- _Prompt_:
Would you please copy the entries exactly, leaving every picture aside?

- _Provided records_:
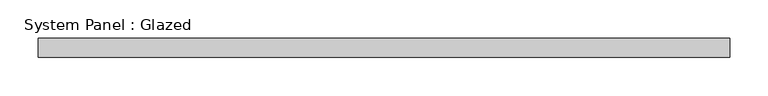
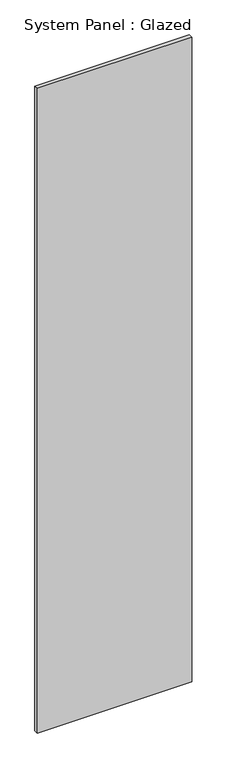
"""IFC4 building model written with IfcOpenShell, lengths in millimetres: plate geometry, System Panel : Glazed."""

from ifc_helpers import new_model, si_unit, origin, origin_with_axes, place, context, project, spatial, polyline, outline, extrude, source, transform, mapped, element, save


def system_panel_glazed_1225bd09(model_context):
    return source(origin(), model_context, "Body", "SweptSolid", [
        extrude(outline(polyline([(453.1301593, 24.5), (-453.1301593, 24.5), (-453.1301593, 49.5), (453.1301593, 49.5), (453.1301593, 24.5)])), origin_with_axes(), (0.0, 0.0, 1.0), 4000.0),
    ])


if __name__ == "__main__":
    model = new_model("IFC4")
    model_context = context("Model", 3, world=origin())
    ifc_project = project(units=[si_unit("LENGTHUNIT", "METRE", prefix="MILLI")], contexts=[model_context])
    site = spatial("IfcSite", under=ifc_project)
    building = spatial("IfcBuilding", under=site)
    placement = place(None, origin())
    system_panel_glazed_shape = system_panel_glazed_1225bd09(model_context)
    element("IfcPlate", 1, ObjectType="System Panel : Glazed", at=placement, inside=building, context=model_context, shape_type="MappedRepresentation", body=[
        mapped(system_panel_glazed_shape, transform((0.0, 0.0, 0.0), x_axis=(1.0, 0.0, 0.0), y_axis=(0.0, 1.0, 0.0), z_axis=(0.0, 0.0, 1.0))),
    ])
    save(model, "model.ifc")

# Revit data of these elements
# Type "System Panel : Glazed"
#   Keynote = "H11"
#   Construction Type Id = "GSP4R"
#   Analytic Construction = "1/8 in Pilkington single glazing"
#   Visual Light Transmittance = 0.9
#   Solar Heat Gain Coefficient = 0.86
#   Heat Transfer Coefficient (U) = 6.7069 W/(m²·K)
#   Define Thermal Properties by = 1
# Element 1 (IfcPlate, "System Panel : Glazed")
#   Materials on its faces: "Glass"
# Materials
#   "Glass": class "Glass", colour RGB 0 128 192, transparency 0.9, Description = "Soda Lime Glass", Cost = 0

- _Result below_:
"""IFC4 building model written with IfcOpenShell, lengths in millimetres: plate geometry, System Panel : Glazed."""

from ifc_helpers import new_model, si_unit, origin, origin_with_axes, place, context, project, spatial, polyline, outline, extrude, source, transform, mapped, element, save


def system_panel_glazed_1225bd09(model_context):
    return source(origin(), model_context, "Body", "SweptSolid", [
        extrude(outline(polyline([(453.1301593, 24.5), (-453.1301593, 24.5), (-453.1301593, 49.5), (453.1301593, 49.5), (453.1301593, 24.5)])), origin_with_axes(), (0.0, 0.0, 1.0), 4000.0),
    ])


if __name__ == "__main__":
    model = new_model("IFC4")
    model_context = context("Model", 3, world=origin())
    ifc_project = project(units=[si_unit("LENGTHUNIT", "METRE", prefix="MILLI")], contexts=[model_context])
    site = spatial("IfcSite", under=ifc_project)
    building = spatial("IfcBuilding", under=site)
    placement = place(None, origin())
    system_panel_glazed_shape = system_panel_glazed_1225bd09(model_context)
    element("IfcPlate", 1, ObjectType="System Panel : Glazed", at=placement, inside=building, context=model_context, shape_type="MappedRepresentation", body=[
        mapped(system_panel_glazed_shape, transform((0.0, 0.0, 0.0), x_axis=(1.0, 0.0, 0.0), y_axis=(0.0, 1.0, 0.0), z_axis=(0.0, 0.0, 1.0))),
    ])
    save(model, "model.ifc")

# Revit data of these elements
# Type "System Panel : Glazed"
#   Keynote = "H11"
#   Construction Type Id = "GSP4R"
#   Analytic Construction = "1/8 in Pilkington single glazing"
#   Visual Light Transmittance = 0.9
#   Solar Heat Gain Coefficient = 0.86
#   Heat Transfer Coefficient (U) = 6.7069 W/(m²·K)
#   Define Thermal Properties by = 1
# Element 1 (IfcPlate, "System Panel : Glazed")
#   Materials on its faces: "Glass"
# Materials
#   "Glass": class "Glass", colour RGB 0 128 192, transparency 0.9, Description = "Soda Lime Glass", Cost = 0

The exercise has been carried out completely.